What is needed>
From the entries that follow, copy exactly the lines beginning at the line holding "from build123d import *" and continuing through the line holding "Rectangle(SKETCH4_W, SKETCH4_H)".

The records>
————————
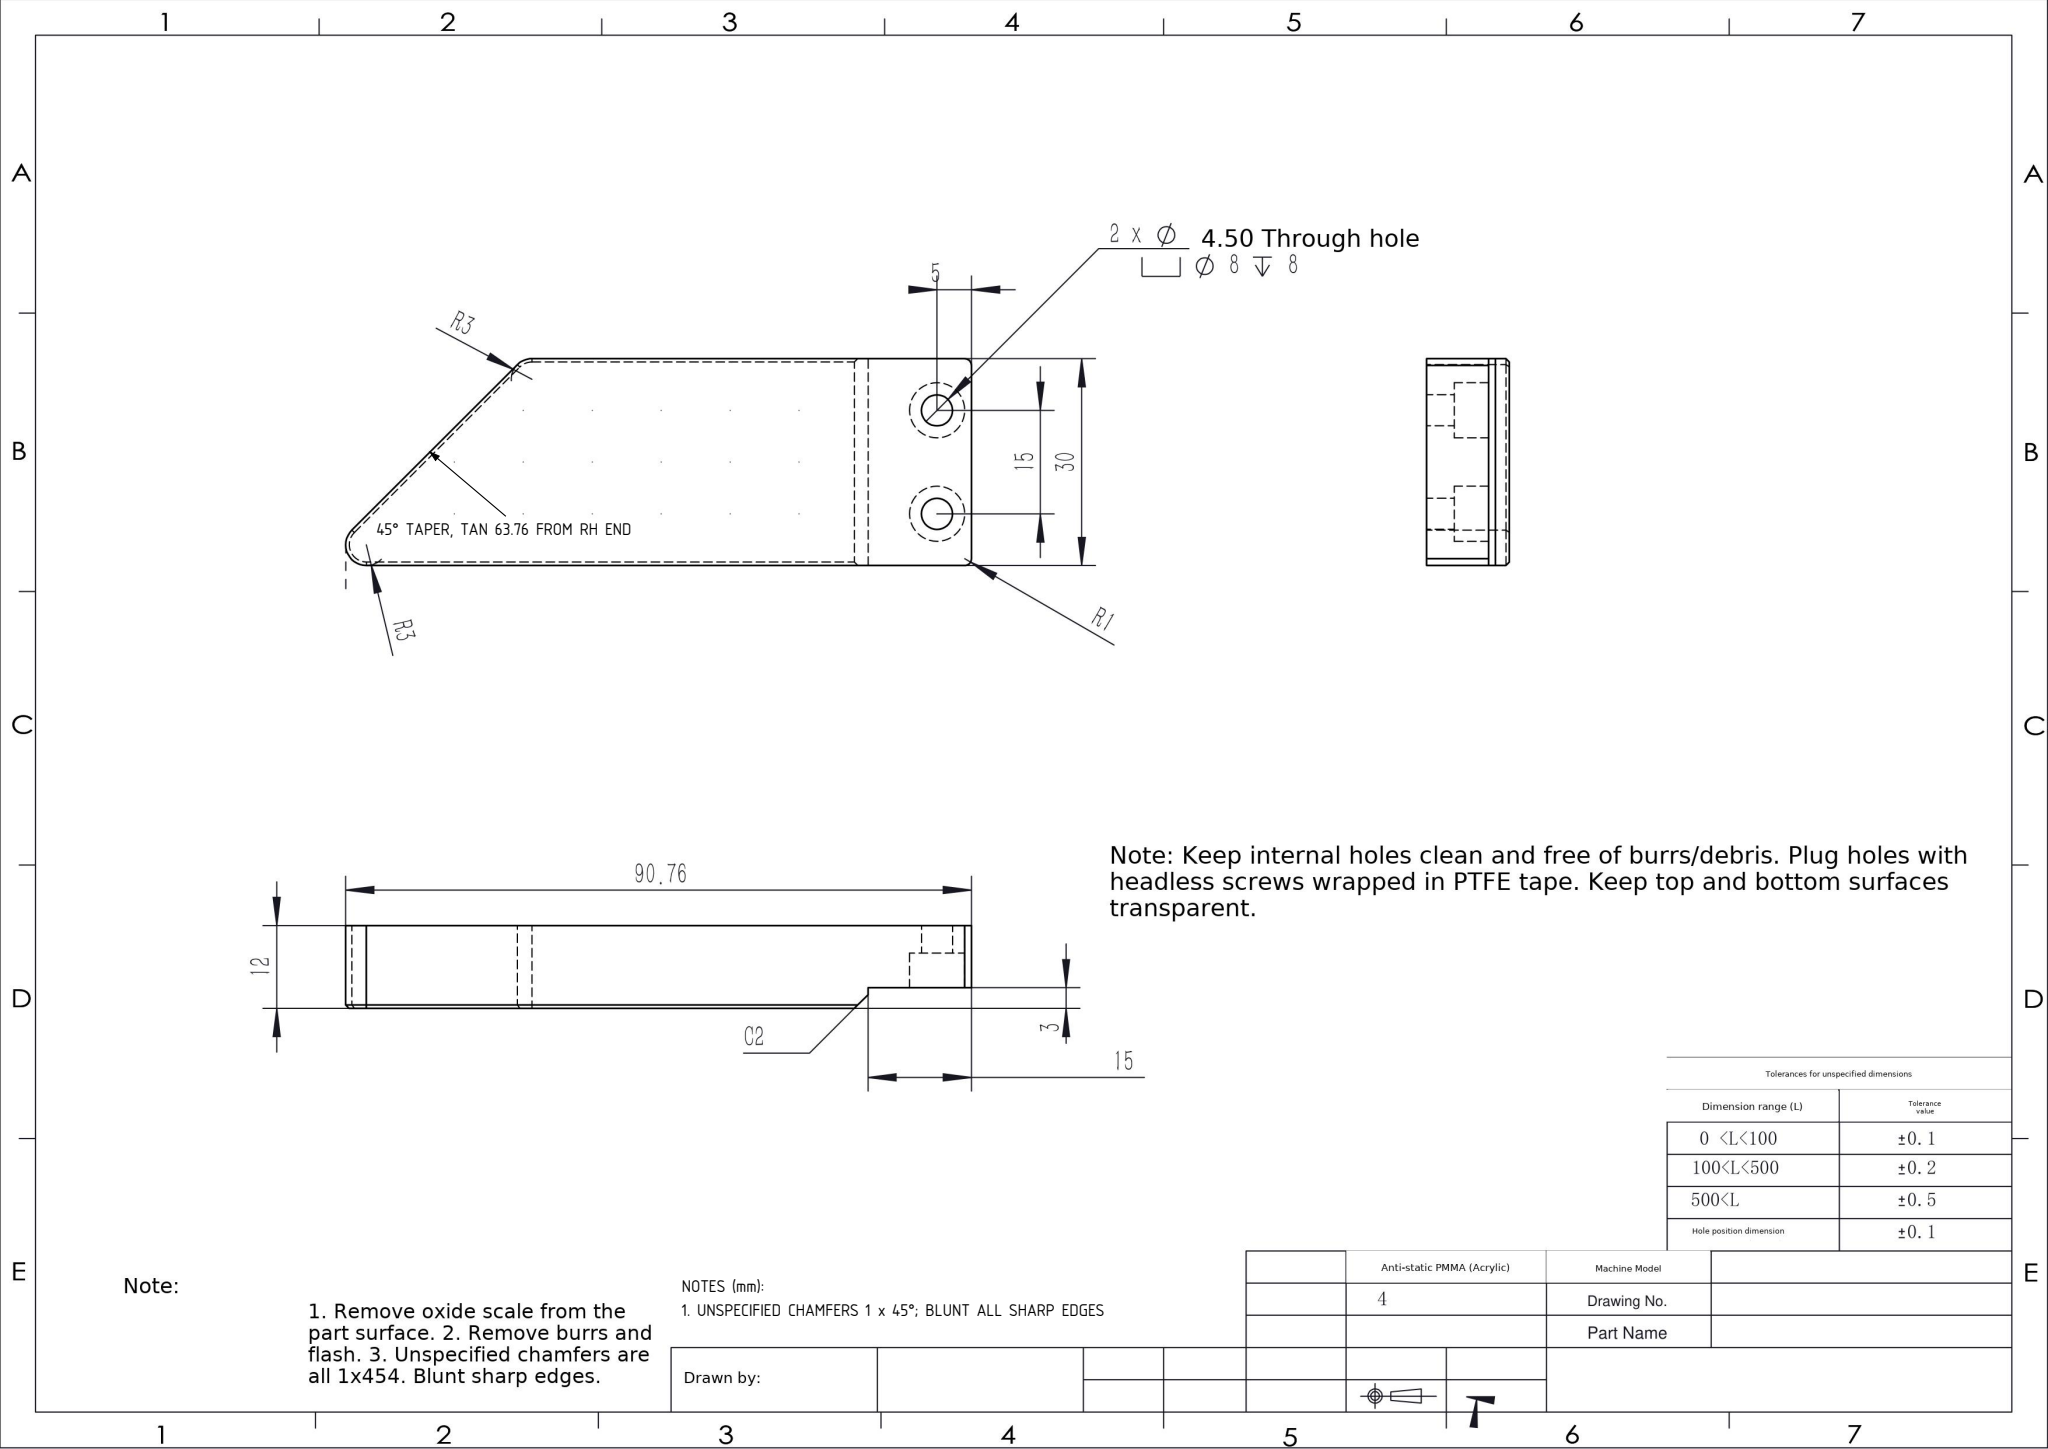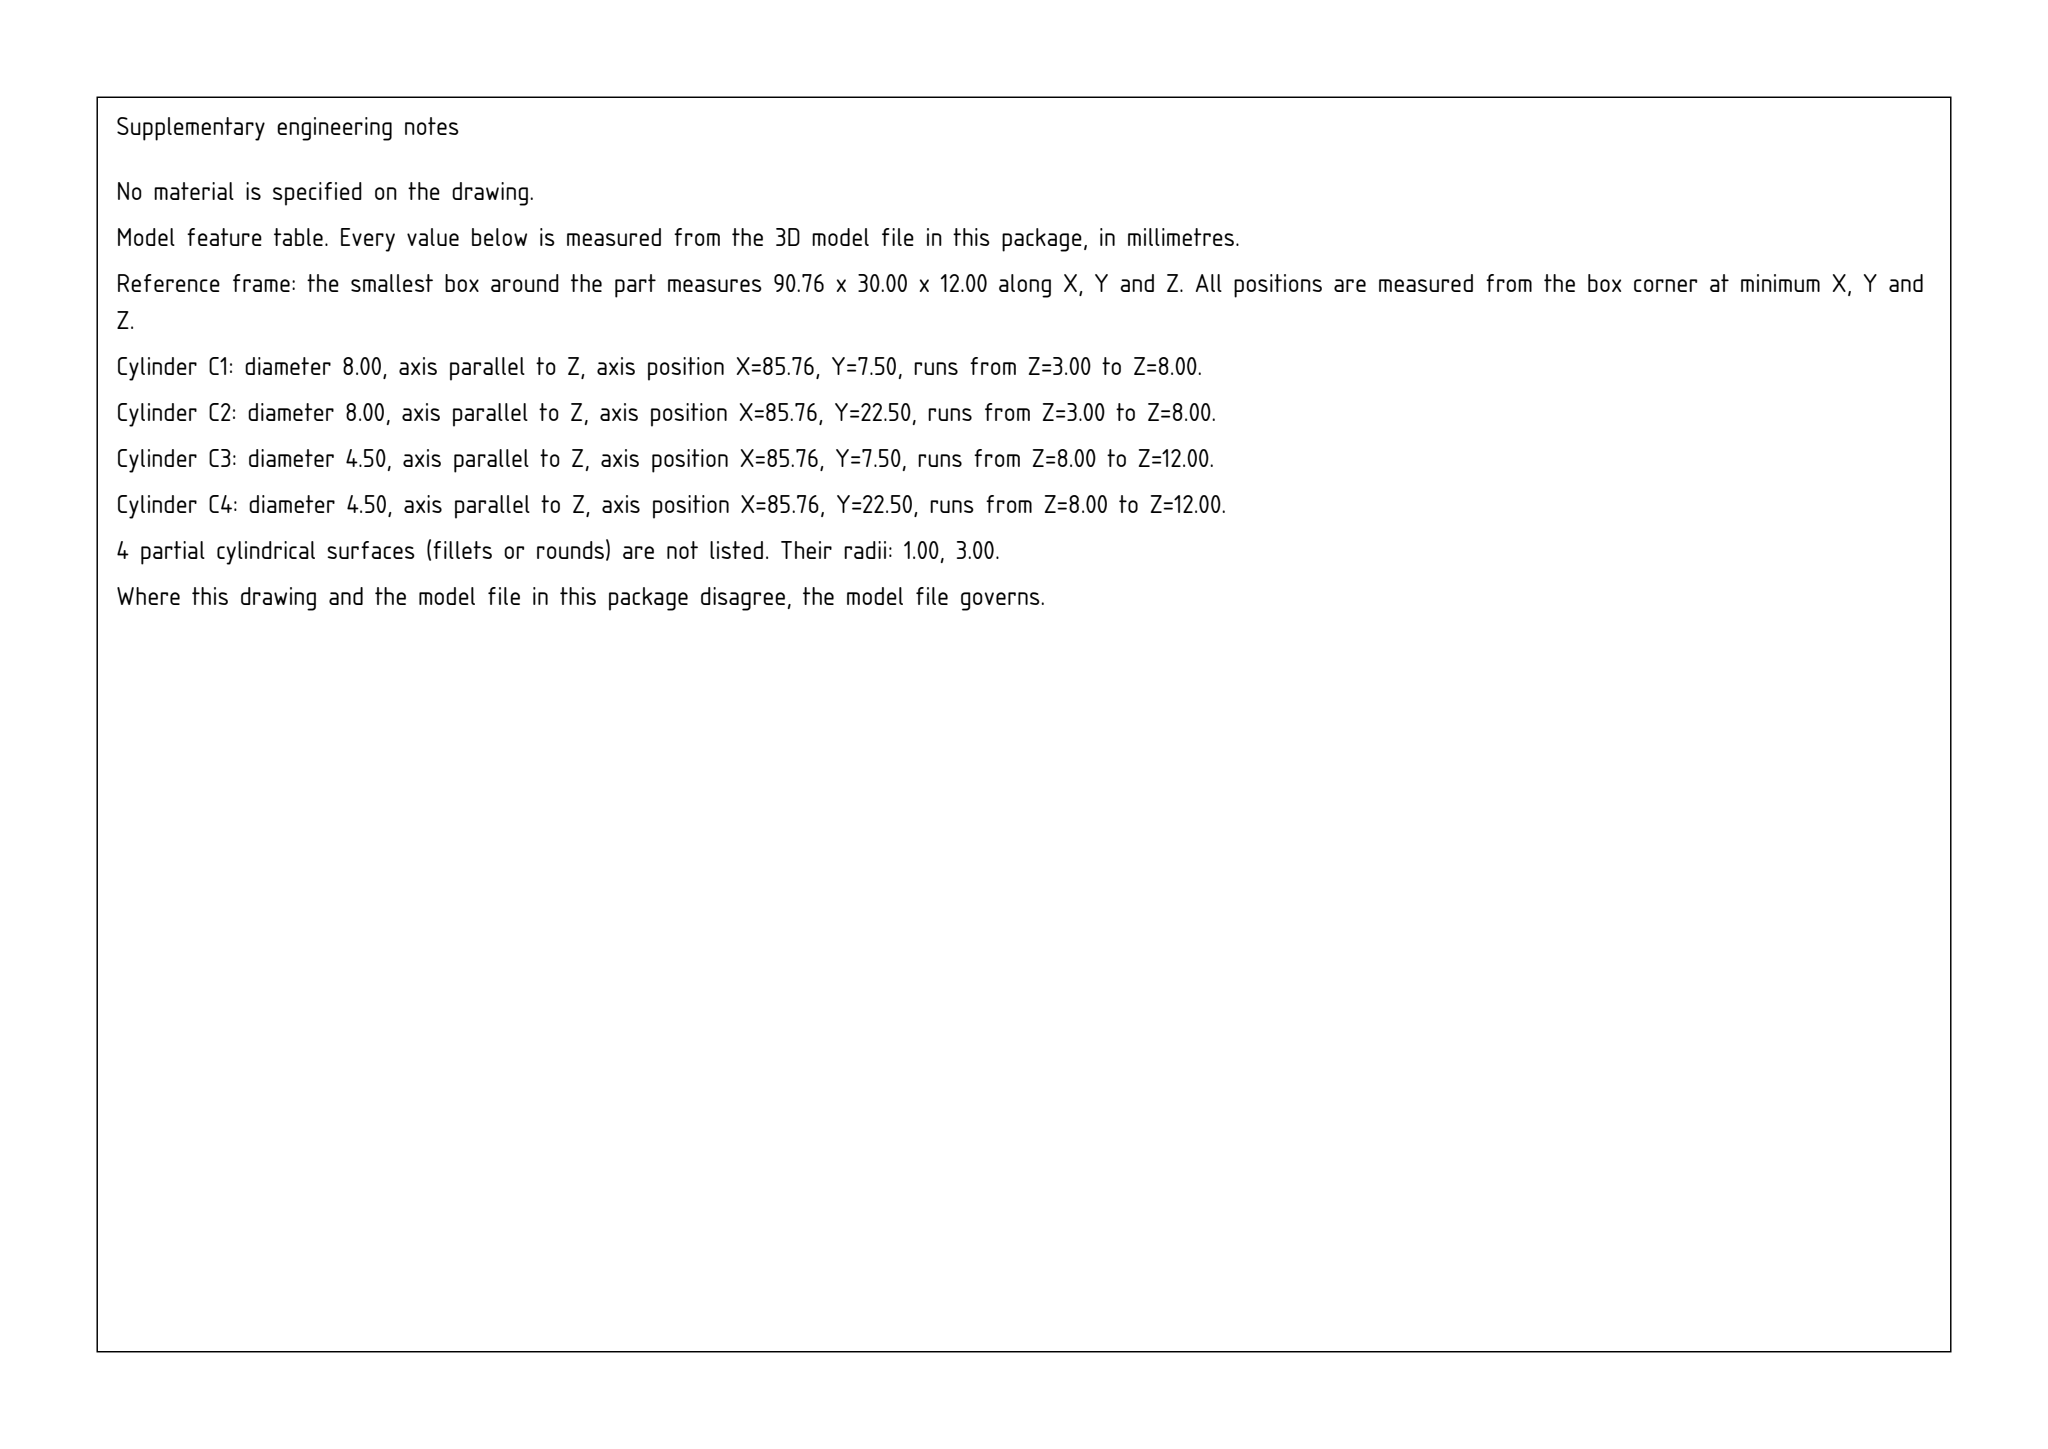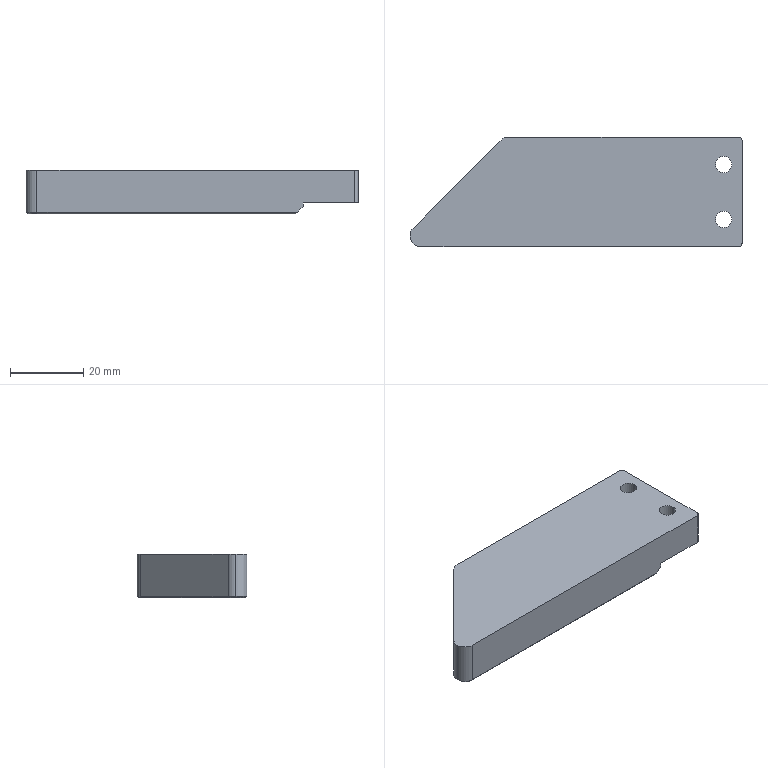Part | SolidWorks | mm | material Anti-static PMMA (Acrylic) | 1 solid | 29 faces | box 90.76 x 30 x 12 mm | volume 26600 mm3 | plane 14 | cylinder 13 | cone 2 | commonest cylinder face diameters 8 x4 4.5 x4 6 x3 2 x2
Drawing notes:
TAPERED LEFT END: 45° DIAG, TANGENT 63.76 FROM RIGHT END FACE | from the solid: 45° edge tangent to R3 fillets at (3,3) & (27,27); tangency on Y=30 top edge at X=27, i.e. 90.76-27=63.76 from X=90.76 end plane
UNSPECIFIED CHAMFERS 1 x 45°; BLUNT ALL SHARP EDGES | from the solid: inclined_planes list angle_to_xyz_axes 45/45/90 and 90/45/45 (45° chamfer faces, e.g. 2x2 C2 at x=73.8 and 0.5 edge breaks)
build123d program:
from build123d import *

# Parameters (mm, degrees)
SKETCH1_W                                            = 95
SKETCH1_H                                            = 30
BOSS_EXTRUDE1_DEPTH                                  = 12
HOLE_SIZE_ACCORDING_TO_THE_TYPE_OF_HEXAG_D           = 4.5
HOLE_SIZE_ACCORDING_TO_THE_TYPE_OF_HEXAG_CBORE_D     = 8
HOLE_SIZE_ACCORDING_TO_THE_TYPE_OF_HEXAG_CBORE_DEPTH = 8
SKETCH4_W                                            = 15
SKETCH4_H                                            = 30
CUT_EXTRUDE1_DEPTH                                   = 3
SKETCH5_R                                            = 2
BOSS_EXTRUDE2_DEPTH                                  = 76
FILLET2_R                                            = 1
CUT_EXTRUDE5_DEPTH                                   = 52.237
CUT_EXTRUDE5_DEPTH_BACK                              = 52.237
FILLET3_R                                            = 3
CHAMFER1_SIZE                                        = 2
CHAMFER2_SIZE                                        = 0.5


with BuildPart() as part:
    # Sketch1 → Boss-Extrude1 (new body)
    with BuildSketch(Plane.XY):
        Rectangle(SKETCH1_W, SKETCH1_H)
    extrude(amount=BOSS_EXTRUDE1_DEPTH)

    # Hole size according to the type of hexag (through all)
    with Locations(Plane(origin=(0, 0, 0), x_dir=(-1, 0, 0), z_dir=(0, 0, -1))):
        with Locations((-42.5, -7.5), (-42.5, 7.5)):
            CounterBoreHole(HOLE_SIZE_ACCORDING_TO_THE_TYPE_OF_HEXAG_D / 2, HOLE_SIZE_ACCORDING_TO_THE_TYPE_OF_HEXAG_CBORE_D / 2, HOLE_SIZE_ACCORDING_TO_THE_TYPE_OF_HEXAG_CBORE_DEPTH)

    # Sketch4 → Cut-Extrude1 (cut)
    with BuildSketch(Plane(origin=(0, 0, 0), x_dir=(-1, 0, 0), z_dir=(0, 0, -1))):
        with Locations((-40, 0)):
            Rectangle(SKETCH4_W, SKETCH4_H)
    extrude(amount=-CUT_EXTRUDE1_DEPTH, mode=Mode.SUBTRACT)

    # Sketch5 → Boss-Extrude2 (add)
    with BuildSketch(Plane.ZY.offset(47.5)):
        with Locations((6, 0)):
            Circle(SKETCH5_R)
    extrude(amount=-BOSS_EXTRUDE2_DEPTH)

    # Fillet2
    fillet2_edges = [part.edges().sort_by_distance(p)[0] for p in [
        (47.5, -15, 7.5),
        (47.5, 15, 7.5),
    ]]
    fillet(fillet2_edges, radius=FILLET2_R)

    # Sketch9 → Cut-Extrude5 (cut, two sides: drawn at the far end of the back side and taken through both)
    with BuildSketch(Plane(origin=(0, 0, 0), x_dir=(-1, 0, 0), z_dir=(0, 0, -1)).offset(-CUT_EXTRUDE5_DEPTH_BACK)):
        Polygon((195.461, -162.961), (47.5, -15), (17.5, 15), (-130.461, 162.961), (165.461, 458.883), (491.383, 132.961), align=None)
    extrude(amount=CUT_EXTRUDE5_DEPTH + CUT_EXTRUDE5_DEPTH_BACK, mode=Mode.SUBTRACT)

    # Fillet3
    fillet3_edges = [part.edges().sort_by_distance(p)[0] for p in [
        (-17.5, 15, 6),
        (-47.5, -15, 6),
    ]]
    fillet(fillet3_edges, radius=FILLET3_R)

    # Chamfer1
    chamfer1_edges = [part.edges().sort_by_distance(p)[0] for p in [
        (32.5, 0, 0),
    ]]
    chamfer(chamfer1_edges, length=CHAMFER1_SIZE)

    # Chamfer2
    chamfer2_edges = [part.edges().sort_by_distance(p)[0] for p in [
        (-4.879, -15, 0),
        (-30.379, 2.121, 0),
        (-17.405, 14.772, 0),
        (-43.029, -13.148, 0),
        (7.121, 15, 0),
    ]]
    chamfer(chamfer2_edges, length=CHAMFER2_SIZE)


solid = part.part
————————
Answer space>
from build123d import *

# Parameters (mm, degrees)
SKETCH1_W                                            = 95
SKETCH1_H                                            = 30
BOSS_EXTRUDE1_DEPTH                                  = 12
HOLE_SIZE_ACCORDING_TO_THE_TYPE_OF_HEXAG_D           = 4.5
HOLE_SIZE_ACCORDING_TO_THE_TYPE_OF_HEXAG_CBORE_D     = 8
HOLE_SIZE_ACCORDING_TO_THE_TYPE_OF_HEXAG_CBORE_DEPTH = 8
SKETCH4_W                                            = 15
SKETCH4_H                                            = 30
CUT_EXTRUDE1_DEPTH                                   = 3
SKETCH5_R                                            = 2
BOSS_EXTRUDE2_DEPTH                                  = 76
FILLET2_R                                            = 1
CUT_EXTRUDE5_DEPTH                                   = 52.237
CUT_EXTRUDE5_DEPTH_BACK                              = 52.237
FILLET3_R                                            = 3
CHAMFER1_SIZE                                        = 2
CHAMFER2_SIZE                                        = 0.5


with BuildPart() as part:
    # Sketch1 → Boss-Extrude1 (new body)
    with BuildSketch(Plane.XY):
        Rectangle(SKETCH1_W, SKETCH1_H)
    extrude(amount=BOSS_EXTRUDE1_DEPTH)

    # Hole size according to the type of hexag (through all)
    with Locations(Plane(origin=(0, 0, 0), x_dir=(-1, 0, 0), z_dir=(0, 0, -1))):
        with Locations((-42.5, -7.5), (-42.5, 7.5)):
            CounterBoreHole(HOLE_SIZE_ACCORDING_TO_THE_TYPE_OF_HEXAG_D / 2, HOLE_SIZE_ACCORDING_TO_THE_TYPE_OF_HEXAG_CBORE_D / 2, HOLE_SIZE_ACCORDING_TO_THE_TYPE_OF_HEXAG_CBORE_DEPTH)

    # Sketch4 → Cut-Extrude1 (cut)
    with BuildSketch(Plane(origin=(0, 0, 0), x_dir=(-1, 0, 0), z_dir=(0, 0, -1))):
        with Locations((-40, 0)):
            Rectangle(SKETCH4_W, SKETCH4_H)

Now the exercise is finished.